--- Input for this task Enclosed Below ---

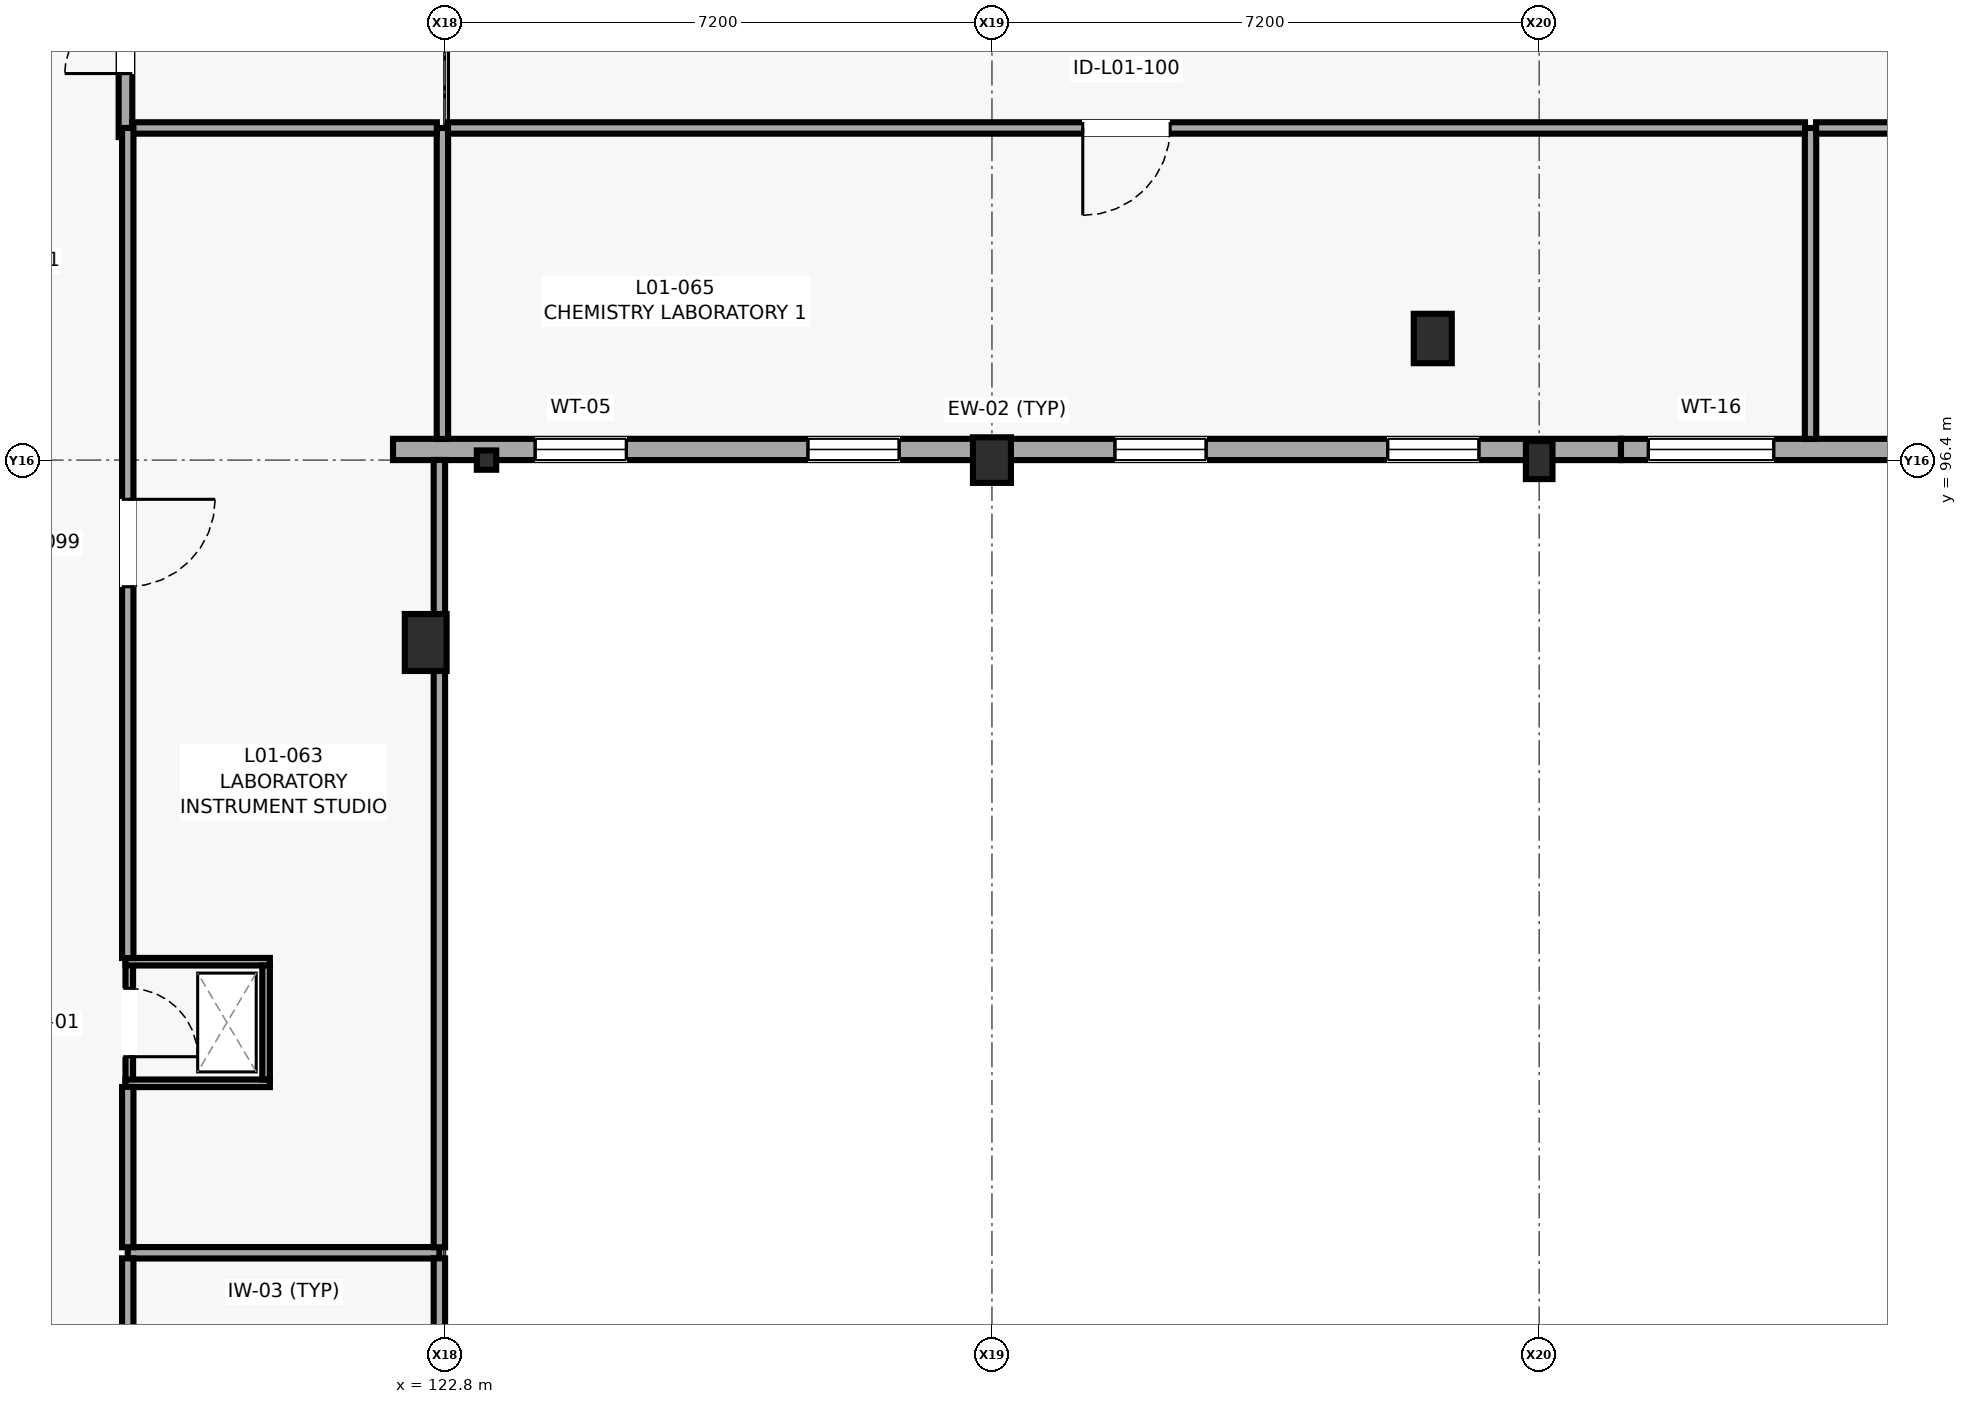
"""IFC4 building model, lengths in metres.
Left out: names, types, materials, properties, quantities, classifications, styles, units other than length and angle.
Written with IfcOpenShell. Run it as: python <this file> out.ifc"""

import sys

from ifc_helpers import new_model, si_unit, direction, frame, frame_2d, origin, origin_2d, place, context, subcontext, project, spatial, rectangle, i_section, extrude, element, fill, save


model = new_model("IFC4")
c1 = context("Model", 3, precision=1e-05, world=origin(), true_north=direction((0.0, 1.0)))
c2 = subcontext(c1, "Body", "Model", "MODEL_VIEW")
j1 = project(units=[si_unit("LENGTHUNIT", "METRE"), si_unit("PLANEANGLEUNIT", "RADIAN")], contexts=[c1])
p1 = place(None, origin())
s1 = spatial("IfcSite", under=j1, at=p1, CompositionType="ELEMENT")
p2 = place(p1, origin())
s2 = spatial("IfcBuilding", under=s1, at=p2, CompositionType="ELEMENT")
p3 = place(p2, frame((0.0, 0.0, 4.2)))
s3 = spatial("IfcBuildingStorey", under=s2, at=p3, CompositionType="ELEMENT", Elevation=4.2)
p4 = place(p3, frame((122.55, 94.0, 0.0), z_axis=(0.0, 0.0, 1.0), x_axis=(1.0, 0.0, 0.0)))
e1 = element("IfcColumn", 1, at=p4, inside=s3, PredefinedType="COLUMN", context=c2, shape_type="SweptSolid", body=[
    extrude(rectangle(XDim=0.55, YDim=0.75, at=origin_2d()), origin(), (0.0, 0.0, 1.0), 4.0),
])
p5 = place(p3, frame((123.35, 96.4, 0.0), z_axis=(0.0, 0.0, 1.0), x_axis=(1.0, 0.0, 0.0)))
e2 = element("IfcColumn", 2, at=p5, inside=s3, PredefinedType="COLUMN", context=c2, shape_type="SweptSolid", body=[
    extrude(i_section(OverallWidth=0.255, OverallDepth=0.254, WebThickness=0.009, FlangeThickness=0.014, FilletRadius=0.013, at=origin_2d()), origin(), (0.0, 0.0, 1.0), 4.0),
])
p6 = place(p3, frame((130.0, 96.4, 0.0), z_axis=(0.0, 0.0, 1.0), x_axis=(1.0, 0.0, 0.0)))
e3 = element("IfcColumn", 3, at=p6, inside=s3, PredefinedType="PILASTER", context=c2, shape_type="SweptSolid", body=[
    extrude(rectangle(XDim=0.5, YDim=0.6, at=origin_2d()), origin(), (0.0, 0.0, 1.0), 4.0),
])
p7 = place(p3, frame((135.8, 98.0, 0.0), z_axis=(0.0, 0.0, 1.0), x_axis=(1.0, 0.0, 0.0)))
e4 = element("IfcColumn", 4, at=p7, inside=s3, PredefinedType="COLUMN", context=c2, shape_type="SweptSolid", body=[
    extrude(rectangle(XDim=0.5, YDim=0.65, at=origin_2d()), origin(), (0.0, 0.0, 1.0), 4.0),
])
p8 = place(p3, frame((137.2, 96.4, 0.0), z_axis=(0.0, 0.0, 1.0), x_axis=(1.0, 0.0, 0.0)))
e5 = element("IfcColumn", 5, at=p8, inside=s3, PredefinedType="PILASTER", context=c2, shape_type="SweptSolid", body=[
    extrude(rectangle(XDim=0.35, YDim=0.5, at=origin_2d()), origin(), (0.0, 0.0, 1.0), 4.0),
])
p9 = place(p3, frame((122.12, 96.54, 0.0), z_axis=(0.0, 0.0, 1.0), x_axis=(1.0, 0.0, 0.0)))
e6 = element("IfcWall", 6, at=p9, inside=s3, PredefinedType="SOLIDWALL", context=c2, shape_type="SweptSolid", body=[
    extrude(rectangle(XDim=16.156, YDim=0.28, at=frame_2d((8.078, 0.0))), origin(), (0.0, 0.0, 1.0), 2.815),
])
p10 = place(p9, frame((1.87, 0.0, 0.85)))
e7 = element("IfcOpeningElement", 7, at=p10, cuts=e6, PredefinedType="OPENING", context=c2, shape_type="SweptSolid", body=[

--- End of Enclosed Input for this task ---

• [What to do]
Every line in the entries above that mentions the word "CompositionType" must be shown.

• [Response for this exercise]
s1 = spatial("IfcSite", under=j1, at=p1, CompositionType="ELEMENT")
s2 = spatial("IfcBuilding", under=s1, at=p2, CompositionType="ELEMENT")
s3 = spatial("IfcBuildingStorey", under=s2, at=p3, CompositionType="ELEMENT", Elevation=4.2)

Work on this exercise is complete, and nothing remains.